-- DATA RECORDS follows --
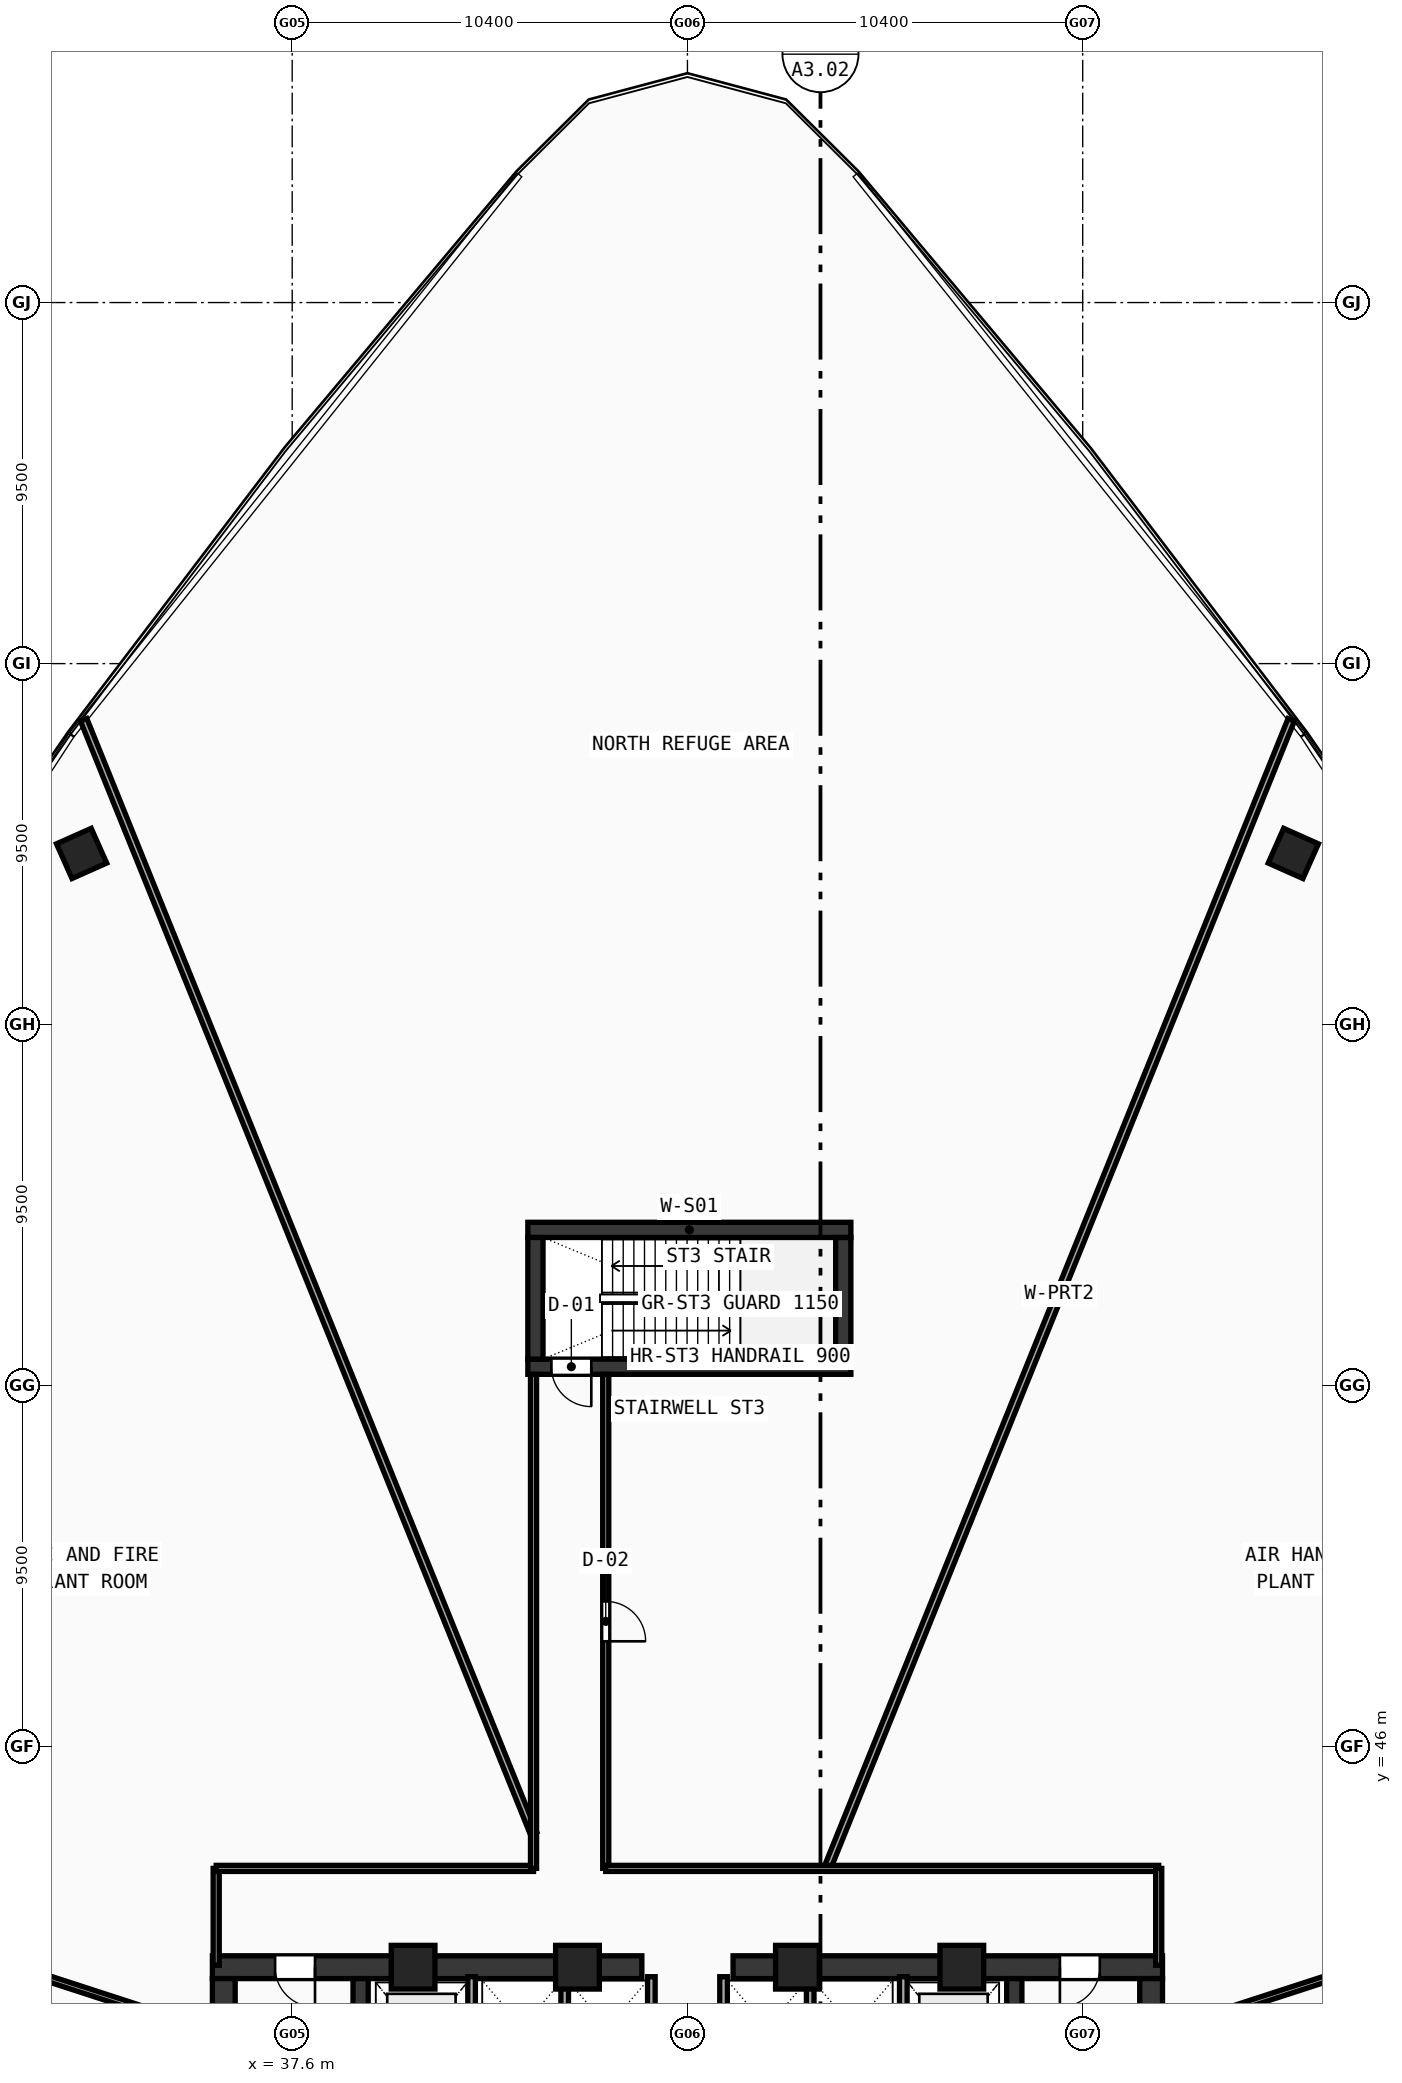
"""IFC4 building model, lengths in metres.
Left out: names, types, materials, properties, quantities, classifications, styles, units other than length and angle.
Written with IfcOpenShell. Run it as: python <this file> out.ifc"""

import sys

from ifc_helpers import new_model, si_unit, direction, frame, frame_2d, origin, origin_with_axes, origin_2d, place, context, subcontext, project, spatial, rectangle, hollow_rectangle, extrude, source, transform, mapped, element, fill, save


model = new_model("IFC4")
c1 = context("Model", 3, precision=1e-05, world=origin(), true_north=direction((0.0, 1.0)))
c2 = subcontext(c1, "Body", "Model", "MODEL_VIEW")
j1 = project(units=[si_unit("LENGTHUNIT", "METRE"), si_unit("PLANEANGLEUNIT", "RADIAN")], contexts=[c1])
p1 = place(None, origin())
s1 = spatial("IfcSite", under=j1, at=p1, CompositionType="ELEMENT")
p2 = place(p1, origin())
s2 = spatial("IfcBuilding", under=s1, at=p2, CompositionType="ELEMENT")
p3 = place(p2, frame((0.0, 0.0, 76.38)))
s3 = spatial("IfcBuildingStorey", under=s2, at=p3, CompositionType="ELEMENT", Elevation=76.38)
p4 = place(p3, frame((35.5, 40.2, 0.0), z_axis=(0.0, 0.0, 1.0), x_axis=(1.0, 0.0, 0.0)))
e1 = element("IfcWall", 1, at=p4, inside=s3, PredefinedType="SHEAR", context=c2, shape_type="SweptSolid", body=[
    extrude(rectangle(XDim=11.3, YDim=0.6, at=frame_2d((5.65, 0.0))), origin(), (0.0, 0.0, 1.0), 4.54),
])
p5 = place(p4, frame((1.65, 0.0, 0.0)))
e2 = element("IfcOpeningElement", 2, at=p5, cuts=e1, PredefinedType="OPENING", context=c2, shape_type="SweptSolid", body=[
    extrude(rectangle(XDim=1.05, YDim=2.1, at=frame_2d((0.525, 1.05))), frame((0.0, 0.31, 0.0), z_axis=(0.0, -1.0, 0.0), x_axis=(1.0, 0.0, 0.0)), (0.0, 0.0, 1.0), 0.62),
])
p6 = place(p3, frame((49.2, 40.2, 0.0), z_axis=(0.0, 0.0, 1.0), x_axis=(1.0, 0.0, 0.0)))
e3 = element("IfcWall", 3, at=p6, inside=s3, PredefinedType="SHEAR", context=c2, shape_type="SweptSolid", body=[
    extrude(rectangle(XDim=11.3, YDim=0.6, at=frame_2d((5.65, 0.0))), origin(), (0.0, 0.0, 1.0), 4.54),
])
p7 = place(p6, frame((8.6, 0.0, 0.0)))
e4 = element("IfcOpeningElement", 4, at=p7, cuts=e3, PredefinedType="OPENING", context=c2, shape_type="SweptSolid", body=[
    extrude(rectangle(XDim=1.05, YDim=2.1, at=frame_2d((0.525, 1.05))), frame((0.0, 0.31, 0.0), z_axis=(0.0, -1.0, 0.0), x_axis=(1.0, 0.0, 0.0)), (0.0, 0.0, 1.0), 0.62),
])
for number, where, z_axis, x_axis in (
    (5, (35.8, 27.8, 0.0), (0.0, 0.0, 1.0), (0.0, 1.0, 0.0)),
    (6, (60.2, 27.8, 0.0), (0.0, 0.0, 1.0), (0.0, 1.0, 0.0)),
):
    element("IfcWall", number, at=place(p3, frame(where, z_axis=z_axis, x_axis=x_axis)), inside=s3, PredefinedType="SHEAR", context=c2, shape_type="SweptSolid", body=[
        extrude(rectangle(XDim=12.1, YDim=0.6, at=frame_2d((6.05, 0.0))), origin(), (0.0, 0.0, 1.0), 4.54),
    ])
p8 = place(p3, frame((39.4, 27.8, 0.0), z_axis=(0.0, 0.0, 1.0), x_axis=(0.0, 1.0, 0.0)))
e7 = element("IfcWall", 7, at=p8, inside=s3, PredefinedType="SHEAR", context=c2, shape_type="SweptSolid", body=[
    extrude(rectangle(XDim=12.1, YDim=0.4, at=frame_2d((6.05, 0.0))), origin(), (0.0, 0.0, 1.0), 4.54),
])
p9 = place(p8, frame((9.95, 0.0, 0.0)))
e8 = element("IfcOpeningElement", 8, at=p9, cuts=e7, PredefinedType="OPENING", context=c2, shape_type="SweptSolid", body=[
    extrude(rectangle(XDim=1.1, YDim=2.1, at=frame_2d((0.55, 1.05))), frame((0.0, 0.21, 0.0), z_axis=(0.0, -1.0, 0.0), x_axis=(1.0, 0.0, 0.0)), (0.0, 0.0, 1.0), 0.42),
])
p10 = place(p3, frame((56.6, 27.8, 0.0), z_axis=(0.0, 0.0, 1.0), x_axis=(0.0, 1.0, 0.0)))
e9 = element("IfcWall", 9, at=p10, inside=s3, PredefinedType="SHEAR", context=c2, shape_type="SweptSolid", body=[
    extrude(rectangle(XDim=12.1, YDim=0.4, at=frame_2d((6.05, 0.0))), origin(), (0.0, 0.0, 1.0), 4.54),
])
p11 = place(p10, frame((9.95, 0.0, 0.0)))
e10 = element("IfcOpeningElement", 10, at=p11, cuts=e9, PredefinedType="OPENING", context=c2, shape_type="SweptSolid", body=[
    extrude(rectangle(XDim=1.1, YDim=2.1, at=frame_2d((0.55, 1.05))), frame((0.0, 0.21, 0.0), z_axis=(0.0, -1.0, 0.0), x_axis=(1.0, 0.0, 0.0)), (0.0, 0.0, 1.0), 0.42),
])
p12 = place(p3, frame((43.8, 59.6, 0.0), z_axis=(0.0, 0.0, 1.0), x_axis=(1.0, 0.0, 0.0)))
e11 = element("IfcWall", 11, at=p12, inside=s3, PredefinedType="SHEAR", context=c2, shape_type="SweptSolid", body=[
    extrude(rectangle(XDim=8.5, YDim=0.4, at=frame_2d((4.25, 0.0))), origin(), (0.0, 0.0, 1.0), 4.54),
])
p13 = place(p3, frame((43.8, 56.0, 0.0), z_axis=(0.0, 0.0, 1.0), x_axis=(1.0, 0.0, 0.0)))
e12 = element("IfcWall", 12, at=p13, inside=s3, PredefinedType="SHEAR", context=c2, shape_type="SweptSolid", body=[
    extrude(rectangle(XDim=8.5, YDim=0.4, at=frame_2d((4.25, 0.0))), origin(), (0.0, 0.0, 1.0), 4.54),
])
p14 = place(p13, frame((0.62, 0.0, 0.0)))
e13 = element("IfcOpeningElement", 13, at=p14, cuts=e12, PredefinedType="OPENING", context=c2, shape_type="SweptSolid", body=[
    extrude(rectangle(XDim=1.05, YDim=2.1, at=frame_2d((0.525, 1.05))), frame((0.0, 0.21, 0.0), z_axis=(0.0, -1.0, 0.0), x_axis=(1.0, 0.0, 0.0)), (0.0, 0.0, 1.0), 0.42),
])
for number, where, z_axis, x_axis in (
    (14, (44.0, 56.2, 0.0), (0.0, 0.0, 1.0), (0.0, 1.0, 0.0)),
    (15, (52.1, 56.2, 0.0), (0.0, 0.0, 1.0), (0.0, 1.0, 0.0)),
):
    element("IfcWall", number, at=place(p3, frame(where, z_axis=z_axis, x_axis=x_axis)), inside=s3, PredefinedType="SHEAR", context=c2, shape_type="SweptSolid", body=[
        extrude(rectangle(XDim=3.2, YDim=0.4, at=frame_2d((1.6, 0.0))), origin(), (0.0, 0.0, 1.0), 4.54),
    ])
m1 = source(origin(), c2, "Body", "SweptSolid", [
    extrude(hollow_rectangle(XDim=1.15, YDim=1.15, WallThickness=0.048, at=origin_2d()), origin(), (0.0, 0.0, 1.0), 4.82),
])
for number, where, z_axis, x_axis in (
    (16, (55.219, 40.2, -0.28), (0.0, 0.0, 1.0), (1.0, 0.0, 0.0)),
    (17, (50.894, 40.2, -0.28), (0.0, 0.0, 1.0), (1.0, 0.0, 0.0)),
    (18, (45.106, 40.2, -0.28), (0.0, 0.0, 1.0), (1.0, 0.0, 0.0)),
    (19, (40.781, 40.2, -0.28), (0.0, 0.0, 1.0), (1.0, 0.0, 0.0)),
):
    element("IfcColumn", number, at=place(p3, frame(where, z_axis=z_axis, x_axis=x_axis)), inside=s3, PredefinedType="COLUMN", context=c2, shape_type="MappedRepresentation", body=[
        mapped(m1, transform((0.0, 0.0, 0.0), scale=1.0)),
    ])
m2 = source(origin(), c2, "Body", "SweptSolid", [
    extrude(hollow_rectangle(XDim=1.0, YDim=1.0, WallThickness=0.042, at=origin_2d()), origin(), (0.0, 0.0, 1.0), 4.82),
])
for number, where, z_axis, x_axis in (
    (20, (63.941, 69.505, -0.28), (0.0, 0.0, 1.0), (-0.914, 0.407, 0.0)),
    (21, (32.059, 69.505, -0.28), (0.0, 0.0, 1.0), (-0.914, -0.407, 0.0)),
):
    element("IfcColumn", number, at=place(p3, frame(where, z_axis=z_axis, x_axis=x_axis)), inside=s3, PredefinedType="COLUMN", context=c2, shape_type="MappedRepresentation", body=[
        mapped(m2, transform((0.0, 0.0, 0.0), scale=1.0)),
    ])
p15 = place(p3, frame((42.32, 33.5, 0.0), z_axis=(0.0, 0.0, 1.0), x_axis=(0.0, 1.0, 0.0)))
e22 = element("IfcWall", 22, at=p15, inside=s3, PredefinedType="SOLIDWALL", context=c2, shape_type="SweptSolid", body=[
    extrude(rectangle(XDim=6.45, YDim=0.2, at=frame_2d((3.225, 0.0))), origin(), (0.0, 0.0, 1.0), 4.54),
])
p16 = place(p15, frame((1.0, 0.0, 0.0)))
e23 = element("IfcOpeningElement", 23, at=p16, cuts=e22, PredefinedType="OPENING", context=c2, shape_type="SweptSolid", body=[
    extrude(rectangle(XDim=1.05, YDim=2.1, at=frame_2d((0.525, 1.05))), frame((0.0, 0.11, 0.0), z_axis=(0.0, -1.0, 0.0), x_axis=(1.0, 0.0, 0.0)), (0.0, 0.0, 1.0), 0.22),
])
p17 = place(p3, frame((53.68, 36.65, 0.0), z_axis=(0.0, 0.0, 1.0), x_axis=(0.0, 1.0, 0.0)))
e24 = element("IfcWall", 24, at=p17, inside=s3, PredefinedType="SOLIDWALL", context=c2, shape_type="SweptSolid", body=[
    extrude(rectangle(XDim=3.3, YDim=0.2, at=frame_2d((1.65, 0.0))), origin(), (0.0, 0.0, 1.0), 4.54),
])
for number, where, z_axis, x_axis in (
    (25, (47.05, 37.32, 0.0), (0.0, 0.0, 1.0), (0.0, 1.0, 0.0)),
    (26, (48.95, 37.32, 0.0), (0.0, 0.0, 1.0), (0.0, 1.0, 0.0)),
    (27, (44.77, 37.32, 0.0), (0.0, 0.0, 1.0), (0.0, 1.0, 0.0)),
    (28, (51.23, 37.32, 0.0), (0.0, 0.0, 1.0), (0.0, 1.0, 0.0)),
):
    element("IfcWall", number, at=place(p3, frame(where, z_axis=z_axis, x_axis=x_axis)), inside=s3, PredefinedType="SOLIDWALL", context=c2, shape_type="SweptSolid", body=[
        extrude(rectangle(XDim=2.63, YDim=0.2, at=frame_2d((1.315, 0.0))), origin(), (0.0, 0.0, 1.0), 4.54),
    ])
p18 = place(p3, frame((60.616, 37.063, 0.0), z_axis=(0.0, 0.0, 1.0), x_axis=(0.951055634406, 0.309019708539, 0.0)))
e29 = element("IfcWall", 29, at=p18, inside=s3, PredefinedType="PARTITIONING", context=c2, shape_type="SweptSolid", body=[
    extrude(rectangle(XDim=21.711, YDim=0.16, at=frame_2d((10.856, 0.0))), origin(), (0.0, 0.0, 1.0), 3.84),
])
for number, where, z_axis, x_axis in (
    (30, (60.184, 38.395, 0.0), (0.0, 0.0, 1.0), (0.951, 0.309, 0.0)),
    (31, (35.816, 38.395, 0.0), (0.0, 0.0, 1.0), (-0.951, 0.309, 0.0)),
):
    element("IfcWall", number, at=place(p3, frame(where, z_axis=z_axis, x_axis=x_axis)), inside=s3, PredefinedType="PARTITIONING", context=c2, shape_type="SweptSolid", body=[
        extrude(rectangle(XDim=21.478, YDim=0.16, at=frame_2d((10.739, 0.0))), origin(), (0.0, 0.0, 1.0), 3.84),
    ])
p19 = place(p3, frame((35.384, 37.063, 0.0), z_axis=(0.0, 0.0, 1.0), x_axis=(-0.951055634406, 0.309019708539, 0.0)))
e32 = element("IfcWall", 32, at=p19, inside=s3, PredefinedType="PARTITIONING", context=c2, shape_type="SweptSolid", body=[
    extrude(rectangle(XDim=21.711, YDim=0.16, at=frame_2d((10.856, 0.0))), origin(), (0.0, 0.0, 1.0), 3.84),
])
p20 = place(p3, frame((51.677, 42.8, 0.0), z_axis=(0.0, 0.0, 1.0), x_axis=(0.374610544703, 0.927182258133, 0.0)))
e33 = element("IfcWall", 33, at=p20, inside=s3, PredefinedType="PARTITIONING", context=c2, shape_type="SweptSolid", body=[
    extrude(rectangle(XDim=32.594, YDim=0.18, at=frame_2d((16.297, 0.0))), origin(), (0.0, 0.0, 1.0), 3.84),
])
p21 = place(p3, frame((43.95, 43.724, 0.0), z_axis=(0.0, 0.0, 1.0), x_axis=(-0.374605616336, 0.927184249332, 0.0)))
e34 = element("IfcWall", 34, at=p21, inside=s3, PredefinedType="PARTITIONING", context=c2, shape_type="SweptSolid", body=[
    extrude(rectangle(XDim=31.598, YDim=0.18, at=frame_2d((15.799, 0.0))), origin(), (0.0, 0.0, 1.0), 3.84),
])
p22 = place(p3, frame((35.6, 40.25, 0.0), z_axis=(0.0, 0.0, 1.0), x_axis=(0.0, 1.0, 0.0)))
e35 = element("IfcWall", 35, at=p22, inside=s3, PredefinedType="PARTITIONING", context=c2, shape_type="SweptSolid", body=[
    extrude(rectangle(XDim=2.55, YDim=0.16, at=frame_2d((1.275, 0.0))), origin(), (0.0, 0.0, 1.0), 4.54),
])
p23 = place(p3, frame((35.6, 42.8, 0.0), z_axis=(0.0, 0.0, 1.0), x_axis=(1.0, 0.0, 0.0)))
e36 = element("IfcWall", 36, at=p23, inside=s3, PredefinedType="PARTITIONING", context=c2, shape_type="SweptSolid", body=[
    extrude(rectangle(XDim=8.35, YDim=0.16, at=frame_2d((4.175, 0.0))), origin(), (0.0, 0.0, 1.0), 3.84),
])
p24 = place(p3, frame((43.95, 42.8, 0.0), z_axis=(0.0, 0.0, 1.0), x_axis=(0.0, 1.0, 0.0)))
e37 = element("IfcWall", 37, at=p24, inside=s3, PredefinedType="PARTITIONING", context=c2, shape_type="SweptSolid", body=[
    extrude(rectangle(XDim=13.0, YDim=0.16, at=frame_2d((6.5, 0.0))), origin(), (0.0, 0.0, 1.0), 3.84),
])
p25 = place(p3, frame((45.85, 55.8, 0.0), z_axis=(0.0, 0.0, 1.0), x_axis=(0.0, -1.0, 0.0)))
e38 = element("IfcWall", 38, at=p25, inside=s3, PredefinedType="PARTITIONING", context=c2, shape_type="SweptSolid", body=[
    extrude(rectangle(XDim=13.0, YDim=0.16, at=frame_2d((6.5, 0.0))), origin(), (0.0, 0.0, 1.0), 4.14),
])
p26 = place(p25, frame((5.975, 0.0, 0.0)))
e39 = element("IfcOpeningElement", 39, at=p26, cuts=e38, PredefinedType="OPENING", context=c2, shape_type="SweptSolid", body=[
    extrude(rectangle(XDim=1.05, YDim=2.1, at=frame_2d((0.525, 1.05))), frame((0.0, 0.09, 0.0), z_axis=(0.0, -1.0, 0.0), x_axis=(1.0, 0.0, 0.0)), (0.0, 0.0, 1.0), 0.18),
])
p27 = place(p3, frame((45.85, 42.8, 0.0), z_axis=(0.0, 0.0, 1.0), x_axis=(1.0, 0.0, 0.0)))
e40 = element("IfcWall", 40, at=p27, inside=s3, PredefinedType="PARTITIONING", context=c2, shape_type="SweptSolid", body=[
    extrude(rectangle(XDim=14.55, YDim=0.16, at=frame_2d((7.275, 0.0))), origin(), (0.0, 0.0, 1.0), 3.84),
])
p28 = place(p3, frame((60.4, 42.8, 0.0), z_axis=(0.0, 0.0, 1.0), x_axis=(0.0, -1.0, 0.0)))
e41 = element("IfcWall", 41, at=p28, inside=s3, PredefinedType="PARTITIONING", context=c2, shape_type="SweptSolid", body=[
    extrude(rectangle(XDim=2.55, YDim=0.16, at=frame_2d((1.275, 0.0))), origin(), (0.0, 0.0, 1.0), 4.54),
])
m3 = source(origin(), c2, "Body", "SweptSolid", [
    extrude(rectangle(XDim=1.05, YDim=2.1, at=frame_2d((0.525, 1.05))), frame((0.0, 0.025, 0.0), z_axis=(0.0, -1.0, 0.0), x_axis=(1.0, 0.0, 0.0)), (0.0, 0.0, 1.0), 0.05),
])
p29 = place(p5, frame((1.05, 0.0, 0.0), z_axis=(0.0, 0.0, 1.0), x_axis=(-1.0, 0.0, 0.0)))
e42 = element("IfcDoor", 42, at=p29, inside=s3, OperationType="SINGLE_SWING_LEFT", PredefinedType="DOOR", context=c2, shape_type="MappedRepresentation", body=[
    mapped(m3, transform((0.0, 0.0, 0.0), scale=1.0)),
])
fill(e2, e42)
p30 = place(p7, frame((1.05, 0.0, 0.0), z_axis=(0.0, 0.0, 1.0), x_axis=(-1.0, 0.0, 0.0)))
e43 = element("IfcDoor", 43, at=p30, inside=s3, OperationType="SINGLE_SWING_RIGHT", PredefinedType="DOOR", context=c2, shape_type="MappedRepresentation", body=[
    mapped(m3, transform((0.0, 0.0, 0.0), scale=1.0)),
])
fill(e4, e43)
p31 = place(p14, frame((1.05, 0.0, 0.0), z_axis=(0.0, 0.0, 1.0), x_axis=(-1.0, 0.0, 0.0)))
e44 = element("IfcDoor", 44, at=p31, inside=s3, OperationType="SINGLE_SWING_LEFT", PredefinedType="DOOR", context=c2, shape_type="MappedRepresentation", body=[
    mapped(m3, transform((0.0, 0.0, 0.0), scale=1.0)),
])
fill(e13, e44)
p32 = place(p26, origin_with_axes())
e45 = element("IfcDoor", 45, at=p32, inside=s3, OperationType="SINGLE_SWING_RIGHT", PredefinedType="DOOR", context=c2, shape_type="MappedRepresentation", body=[
    mapped(m3, transform((0.0, 0.0, 0.0), scale=1.0)),
])
fill(e39, e45)
save(model, sys.argv[1])
-- DATA RECORDS concluded --
**WORK ITEM**
Check each line of the data for "OperationType". Copy the lines where it turns up.

**EXERCISE OUTPUT**
e42 = element("IfcDoor", 42, at=p29, inside=s3, OperationType="SINGLE_SWING_LEFT", PredefinedType="DOOR", context=c2, shape_type="MappedRepresentation", body=[
e43 = element("IfcDoor", 43, at=p30, inside=s3, OperationType="SINGLE_SWING_RIGHT", PredefinedType="DOOR", context=c2, shape_type="MappedRepresentation", body=[
e44 = element("IfcDoor", 44, at=p31, inside=s3, OperationType="SINGLE_SWING_LEFT", PredefinedType="DOOR", context=c2, shape_type="MappedRepresentation", body=[
e45 = element("IfcDoor", 45, at=p32, inside=s3, OperationType="SINGLE_SWING_RIGHT", PredefinedType="DOOR", context=c2, shape_type="MappedRepresentation", body=[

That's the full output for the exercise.